▸ **ACTIVITY**
For each line in the data below that has the word "ezdxf", copy that line.

Start of WORKING DATA

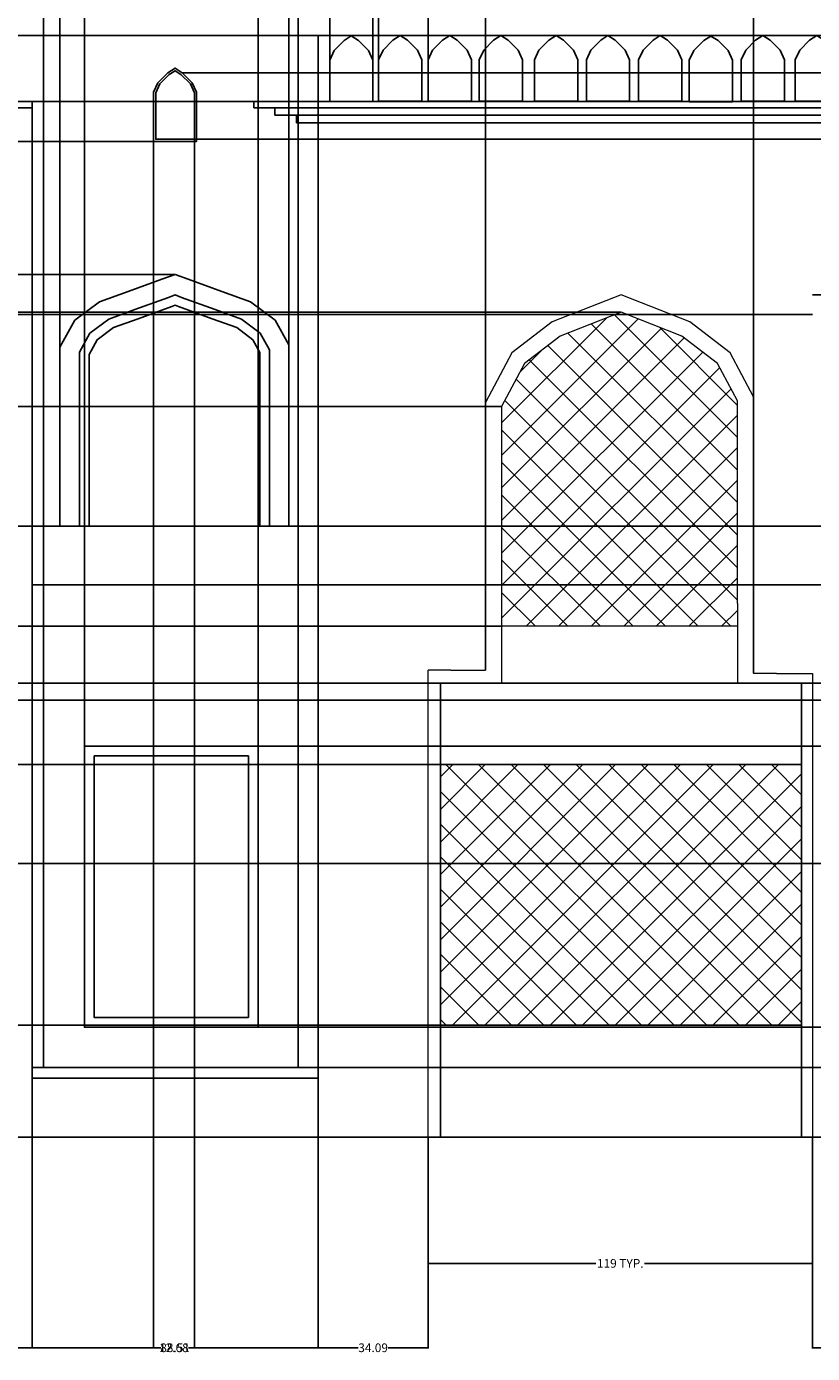
# Model space of a CAD drawing. Units: inches. Extents: x 2 to 1442, y 20 to 729.
# Tile 3 of 8: x 343 to 586, y 20 to 431. Entities that reach past the tile are written whole.
import ezdxf

# ---------------------------------------------------------------- set-up
doc = ezdxf.new("R2010")
doc.units = ezdxf.units.IN
doc.header["$MEASUREMENT"] = 0
for name, color, linetype, lineweight in [('A-ANNO-DIMS', 2, 'Continuous', 18), ('A-ELEV', 7, 'Continuous', 25), ('A-GLAZ', 4, 'Continuous', 18), ('A-GLAZ-PATT', 9, 'Continuous', 13)]:
    doc.layers.add(name, color=color, linetype=linetype, lineweight=lineweight)
doc.styles.get("Standard").update_dxf_attribs({"font": 'arial.ttf'})
doc.dimstyles.get("Standard").update_dxf_attribs({"dimtxt": 2.6875, "dimasz": 0.18, "dimexe": 0.18, "dimexo": 0.0625, "dimgap": 0.09, "dimtad": 0, "dimtih": 1, "dimtoh": 1, "dimdec": 4, "dimzin": 0, "dimdsep": 46, "dimlunit": 4, "dimtxsty": 'Standard', "dimcen": 0.09, "dimadec": 0, "dimazin": 0, "dimtfac": 1, "dimtdec": 4, "dimtofl": 0, "dimtmove": 0, "dimatfit": 3, "dimfxl": 1, "dimtolj": 1, "dimtzin": 0, "dimarcsym": 0})

# ---------------------------------------------------------------- blocks, each defined once
blk = doc.blocks.new('WIN-JALI-PANEL')
for p, q in [((17.71, 144.52), (17.71, 165.38)), ((22.71, 165.38), (22.71, 158.15)), ((95.66, 165.25), (95.66, 158.15)), ((100.66, 165.25), (100.66, 143.52)), ((95.66, 158.15), (22.71, 158.15)), ((22.71, 158.15), (22.71, 140.52)), ((95.66, 158.15), (95.66, 140.52)), ((0, 0), (0, 144.52)), ((7.01, 144.52), (0, 144.52)), ((7.01, 144.52), (17.71, 144.52)), ((107.81, 143.52), (100.66, 143.52)), ((107.81, 143.52), (118.87, 143.52)), ((118.87, 143.52), (118.87, 100.88)), ((118.87, 100.88), (118.87, 0))]:
    blk.add_line(p, q)
for points in [[(100.66, 165.25), (100.66, 224.45), (100.65, 229.2), (93.44, 242.86), (80.93, 252.42), (59.66, 260.79), (38.39, 252.42), (25.88, 242.86), (17.71, 227.39), (17.71, 165.38)], [(95.66, 165.25), (95.66, 224.45), (95.66, 227.96), (89.53, 239.55), (78.45, 248.02), (59.66, 255.41), (40.87, 248.02), (29.79, 239.55), (22.71, 226.15), (22.71, 165.38)]]:
    blk.add_lwpolyline(points)
blk = doc.blocks.new('*D9')
at = {"layer": 'A-ANNO-DIMS', "color": 0, "lineweight": -2, "transparency": 16777216}
for p, q in [((585.99, 348.06), (625.22, 348.06)), ((625.04, 347.88), (625.04, 219.14)), ((625.04, 87.45), (625.04, 216.18)), ((585.99, 87.27), (625.22, 87.27))]:
    blk.add_line(p, q, dxfattribs=at)
at = {"layer": 'A-ANNO-DIMS', "color": 0, "transparency": 16777216}
for points in [[(625.01, 347.88), (625.07, 347.88), (625.04, 348.06)], [(625.01, 87.45), (625.07, 87.45), (625.04, 87.27)]]:
    blk.add_solid(points, dxfattribs=at)
at = {"layer": 'Defpoints', "color": 0, "transparency": 16777216}
for p in [(585.93, 348.06), (625.04, 348.06), (585.93, 87.27)]:
    blk.add_point(p, dxfattribs=at)
at = {"layer": 'A-ANNO-DIMS', "color": 0, "transparency": 16777216, "insert": (625.04, 217.66), "char_height": 2.6875, "attachment_point": 5}
blk.add_mtext('\\A1;JALI SCREEN 261 TYP.', dxfattribs=at)
blk = doc.blocks.new('*D10')
at = {"layer": 'A-ANNO-DIMS', "color": 0, "lineweight": -2, "transparency": 16777216}
for p, q in [((467.06, 87.21), (467.06, 47.97)), ((585.93, 87.21), (585.93, 47.97)), ((467.24, 48.15), (518.94, 48.15)), ((585.75, 48.15), (534.04, 48.15))]:
    blk.add_line(p, q, dxfattribs=at)
at = {"layer": 'A-ANNO-DIMS', "color": 0, "transparency": 16777216}
for points in [[(467.24, 48.18), (467.24, 48.12), (467.06, 48.15)], [(585.75, 48.18), (585.75, 48.12), (585.93, 48.15)]]:
    blk.add_solid(points, dxfattribs=at)
at = {"layer": 'Defpoints', "color": 0, "transparency": 16777216}
for p in [(467.06, 87.27), (585.93, 87.27), (585.93, 48.15)]:
    blk.add_point(p, dxfattribs=at)
at = {"layer": 'A-ANNO-DIMS', "color": 0, "transparency": 16777216, "insert": (526.49, 48.15), "char_height": 2.6875, "attachment_point": 5}
blk.add_mtext('\\A1;119 TYP.', dxfattribs=at)
blk = doc.blocks.new('*D18')
at = {"layer": 'A-ANNO-DIMS', "color": 0, "lineweight": -2, "transparency": 16777216}
for p, q in [((318.25, 87.21), (318.25, 21.84)), ((344.45, 87.21), (344.45, 21.84)), ((318.43, 22.02), (325.66, 22.02)), ((344.27, 22.02), (337.04, 22.02))]:
    blk.add_line(p, q, dxfattribs=at)
at = {"layer": 'A-ANNO-DIMS', "color": 0, "transparency": 16777216}
for points in [[(318.43, 22.05), (318.43, 21.99), (318.25, 22.02)], [(344.27, 22.05), (344.27, 21.99), (344.45, 22.02)]]:
    blk.add_solid(points, dxfattribs=at)
at = {"layer": 'Defpoints', "color": 0, "transparency": 16777216}
for p in [(318.25, 87.27), (344.45, 87.27), (344.45, 22.02)]:
    blk.add_point(p, dxfattribs=at)
at = {"layer": 'A-ANNO-DIMS', "color": 0, "transparency": 16777216, "insert": (331.35, 22.02), "char_height": 2.688, "attachment_point": 5}
blk.add_mtext('\\A1;26.204', dxfattribs=at)
blk = doc.blocks.new('*D19')
at = {"layer": 'A-ANNO-DIMS', "color": 0, "lineweight": -2, "transparency": 16777216}
for p, q in [((344.45, 87.21), (344.45, 21.84)), ((432.97, 87.21), (432.97, 21.84)), ((344.63, 22.02), (384.34, 22.02)), ((432.79, 22.02), (393.08, 22.02))]:
    blk.add_line(p, q, dxfattribs=at)
at = {"layer": 'A-ANNO-DIMS', "color": 0, "transparency": 16777216}
for points in [[(344.63, 22.05), (344.63, 21.99), (344.45, 22.02)], [(432.79, 22.05), (432.79, 21.99), (432.97, 22.02)]]:
    blk.add_solid(points, dxfattribs=at)
at = {"layer": 'Defpoints', "color": 0, "transparency": 16777216}
for p in [(344.45, 87.27), (432.97, 87.27), (432.97, 22.02)]:
    blk.add_point(p, dxfattribs=at)
at = {"layer": 'A-ANNO-DIMS', "color": 0, "transparency": 16777216, "insert": (388.71, 22.02), "char_height": 2.688, "attachment_point": 5}
blk.add_mtext('\\A1;88.51', dxfattribs=at)
blk = doc.blocks.new('*D20')
at = {"layer": 'A-ANNO-DIMS', "color": 0, "lineweight": -2, "transparency": 16777216}
for p, q in [((432.97, 87.21), (432.97, 21.84)), ((467.06, 87.21), (467.06, 21.84)), ((433.15, 22.02), (445.39, 22.02)), ((466.88, 22.02), (454.64, 22.02))]:
    blk.add_line(p, q, dxfattribs=at)
at = {"layer": 'A-ANNO-DIMS', "color": 0, "transparency": 16777216}
for points in [[(433.15, 22.05), (433.15, 21.99), (432.97, 22.02)], [(466.88, 22.05), (466.88, 21.99), (467.06, 22.02)]]:
    blk.add_solid(points, dxfattribs=at)
at = {"layer": 'Defpoints', "color": 0, "transparency": 16777216}
for p in [(432.97, 87.27), (467.06, 87.27), (467.06, 22.02)]:
    blk.add_point(p, dxfattribs=at)
at = {"layer": 'A-ANNO-DIMS', "color": 0, "transparency": 16777216, "insert": (450.01, 22.02), "char_height": 2.688, "attachment_point": 5}
blk.add_mtext('\\A1;34.09', dxfattribs=at)
blk = doc.blocks.new('*D21')
at = {"layer": 'A-ANNO-DIMS', "color": 0, "lineweight": -2, "transparency": 16777216}
for p, q in [((585.93, 87.21), (585.93, 21.84)), ((656, 87.21), (656, 21.84)), ((586.11, 22.02), (616.35, 22.02)), ((655.82, 22.02), (625.58, 22.02))]:
    blk.add_line(p, q, dxfattribs=at)
at = {"layer": 'A-ANNO-DIMS', "color": 0, "transparency": 16777216}
for points in [[(586.11, 22.05), (586.11, 21.99), (585.93, 22.02)], [(655.82, 22.05), (655.82, 21.99), (656, 22.02)]]:
    blk.add_solid(points, dxfattribs=at)
at = {"layer": 'Defpoints', "color": 0, "transparency": 16777216}
for p in [(585.93, 87.27), (656, 87.27), (656, 22.02)]:
    blk.add_point(p, dxfattribs=at)
at = {"layer": 'A-ANNO-DIMS', "color": 0, "transparency": 16777216, "insert": (620.96, 22.02), "char_height": 2.688, "attachment_point": 5}
blk.add_mtext('\\A1;70.07', dxfattribs=at)
blk = doc.blocks.new('*D49')
at = {"layer": 'A-ANNO-DIMS', "color": 0, "lineweight": -2, "transparency": 16777216}
for p, q in [((353.09, 276.51), (353.09, 726.93)), ((353.27, 726.75), (383.9, 726.75)), ((423.76, 726.75), (393.14, 726.75)), ((423.94, 276.51), (423.94, 726.93))]:
    blk.add_line(p, q, dxfattribs=at)
at = {"layer": 'A-ANNO-DIMS', "color": 0, "transparency": 16777216}
for points in [[(353.27, 726.78), (353.27, 726.72), (353.09, 726.75)], [(423.76, 726.78), (423.76, 726.72), (423.94, 726.75)]]:
    blk.add_solid(points, dxfattribs=at)
at = {"layer": 'Defpoints', "color": 0, "transparency": 16777216}
for p in [(423.94, 726.75), (353.09, 276.44), (423.94, 276.44)]:
    blk.add_point(p, dxfattribs=at)
at = {"layer": 'A-ANNO-DIMS', "color": 0, "transparency": 16777216, "insert": (388.52, 726.75), "char_height": 2.688, "attachment_point": 5}
blk.add_mtext('\\A1;70.85', dxfattribs=at)
blk = doc.blocks.new('*D50')
at = {"layer": 'A-ANNO-DIMS', "color": 0, "lineweight": -2, "transparency": 16777216}
for p, q in [((433.03, 108.8), (1436.55, 108.8)), ((1436.37, 108.62), (1436.37, 99.5)), ((1436.37, 87.45), (1436.37, 96.57)), ((433.03, 87.27), (1436.55, 87.27))]:
    blk.add_line(p, q, dxfattribs=at)
at = {"layer": 'A-ANNO-DIMS', "color": 0, "transparency": 16777216}
for points in [[(1436.34, 108.62), (1436.4, 108.62), (1436.37, 108.8)], [(1436.34, 87.45), (1436.4, 87.45), (1436.37, 87.27)]]:
    blk.add_solid(points, dxfattribs=at)
at = {"layer": 'Defpoints', "color": 0, "transparency": 16777216}
for p in [(432.97, 108.8), (1436.37, 108.8), (432.97, 87.27)]:
    blk.add_point(p, dxfattribs=at)
at = {"layer": 'A-ANNO-DIMS', "color": 0, "transparency": 16777216, "insert": (1436.37, 98.04), "char_height": 2.688, "attachment_point": 5}
blk.add_mtext('\\A1;21.53', dxfattribs=at)
blk = doc.blocks.new('*D51')
at = {"layer": 'A-ANNO-DIMS', "color": 0, "lineweight": -2, "transparency": 16777216}
for p, q in [((426.83, 227.79), (1436.55, 227.79)), ((1436.37, 227.61), (1436.37, 169.76)), ((1436.37, 108.98), (1436.37, 166.83)), ((433.03, 108.8), (1436.55, 108.8))]:
    blk.add_line(p, q, dxfattribs=at)
at = {"layer": 'A-ANNO-DIMS', "color": 0, "transparency": 16777216}
for points in [[(1436.34, 227.61), (1436.4, 227.61), (1436.37, 227.79)], [(1436.34, 108.98), (1436.4, 108.98), (1436.37, 108.8)]]:
    blk.add_solid(points, dxfattribs=at)
at = {"layer": 'Defpoints', "color": 0, "transparency": 16777216}
for p in [(426.77, 227.79), (1436.37, 227.79), (432.97, 108.8)]:
    blk.add_point(p, dxfattribs=at)
at = {"layer": 'A-ANNO-DIMS', "color": 0, "transparency": 16777216, "insert": (1436.37, 168.3), "char_height": 2.688, "attachment_point": 5}
blk.add_mtext('\\A1;118.99', dxfattribs=at)
blk = doc.blocks.new('*D52')
at = {"layer": 'A-ANNO-DIMS', "color": 0, "lineweight": -2, "transparency": 16777216}
for p, q in [((433.03, 258.25), (1436.55, 258.25)), ((1436.37, 258.07), (1436.37, 244.49)), ((1436.37, 227.97), (1436.37, 241.56)), ((426.83, 227.79), (1436.55, 227.79))]:
    blk.add_line(p, q, dxfattribs=at)
at = {"layer": 'A-ANNO-DIMS', "color": 0, "transparency": 16777216}
for points in [[(1436.34, 258.07), (1436.4, 258.07), (1436.37, 258.25)], [(1436.34, 227.97), (1436.4, 227.97), (1436.37, 227.79)]]:
    blk.add_solid(points, dxfattribs=at)
at = {"layer": 'Defpoints', "color": 0, "transparency": 16777216}
for p in [(432.97, 258.25), (1436.37, 258.25), (426.77, 227.79)]:
    blk.add_point(p, dxfattribs=at)
at = {"layer": 'A-ANNO-DIMS', "color": 0, "transparency": 16777216, "insert": (1436.37, 243.02), "char_height": 2.688, "attachment_point": 5}
blk.add_mtext('\\A1;30.464', dxfattribs=at)
blk = doc.blocks.new('*D53')
at = {"layer": 'A-ANNO-DIMS', "color": 0, "lineweight": -2, "transparency": 16777216}
for p, q in [((433.03, 276.44), (1436.55, 276.44)), ((1436.37, 276.26), (1436.37, 268.81)), ((1436.37, 258.43), (1436.37, 265.89)), ((433.03, 258.25), (1436.55, 258.25))]:
    blk.add_line(p, q, dxfattribs=at)
at = {"layer": 'A-ANNO-DIMS', "color": 0, "transparency": 16777216}
for points in [[(1436.34, 276.26), (1436.4, 276.26), (1436.37, 276.44)], [(1436.34, 258.43), (1436.4, 258.43), (1436.37, 258.25)]]:
    blk.add_solid(points, dxfattribs=at)
at = {"layer": 'Defpoints', "color": 0, "transparency": 16777216}
for p in [(432.97, 276.44), (1436.37, 276.44), (432.97, 258.25)]:
    blk.add_point(p, dxfattribs=at)
at = {"layer": 'A-ANNO-DIMS', "color": 0, "transparency": 16777216, "insert": (1436.37, 267.35), "char_height": 2.688, "attachment_point": 5}
blk.add_mtext('\\A1;18.19', dxfattribs=at)
blk = doc.blocks.new('*D54')
at = {"layer": 'A-ANNO-DIMS', "color": 0, "lineweight": -2, "transparency": 16777216}
for p, q in [((388.65, 354.39), (7.1, 354.39)), ((7.28, 354.21), (7.28, 316.88)), ((7.28, 276.62), (7.28, 313.95)), ((353.03, 276.44), (7.1, 276.44))]:
    blk.add_line(p, q, dxfattribs=at)
at = {"layer": 'A-ANNO-DIMS', "color": 0, "transparency": 16777216}
for points in [[(7.25, 354.21), (7.31, 354.21), (7.28, 354.39)], [(7.25, 276.62), (7.31, 276.62), (7.28, 276.44)]]:
    blk.add_solid(points, dxfattribs=at)
at = {"layer": 'Defpoints', "color": 0, "transparency": 16777216}
for p in [(7.28, 354.39), (388.71, 354.39), (353.09, 276.44)]:
    blk.add_point(p, dxfattribs=at)
at = {"layer": 'A-ANNO-DIMS', "color": 0, "transparency": 16777216, "insert": (7.28, 315.41), "char_height": 2.688, "attachment_point": 5}
blk.add_mtext('\\A1;77.94', dxfattribs=at)
blk = doc.blocks.new('*D55')
at = {"layer": 'A-ANNO-DIMS', "color": 0, "lineweight": -2, "transparency": 16777216}
for p, q in [((391.01, 416.82), (1436.55, 416.82)), ((1436.37, 416.64), (1436.37, 407.98)), ((1436.37, 396.4), (1436.37, 405.06)), ((394.77, 396.22), (1436.55, 396.22))]:
    blk.add_line(p, q, dxfattribs=at)
at = {"layer": 'A-ANNO-DIMS', "color": 0, "transparency": 16777216}
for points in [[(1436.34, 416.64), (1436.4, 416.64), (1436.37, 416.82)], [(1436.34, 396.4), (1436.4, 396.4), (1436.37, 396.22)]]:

End of WORKING DATA

▸ **RESULT OF THE TASK**
import ezdxf
doc = ezdxf.new("R2010")
doc.units = ezdxf.units.IN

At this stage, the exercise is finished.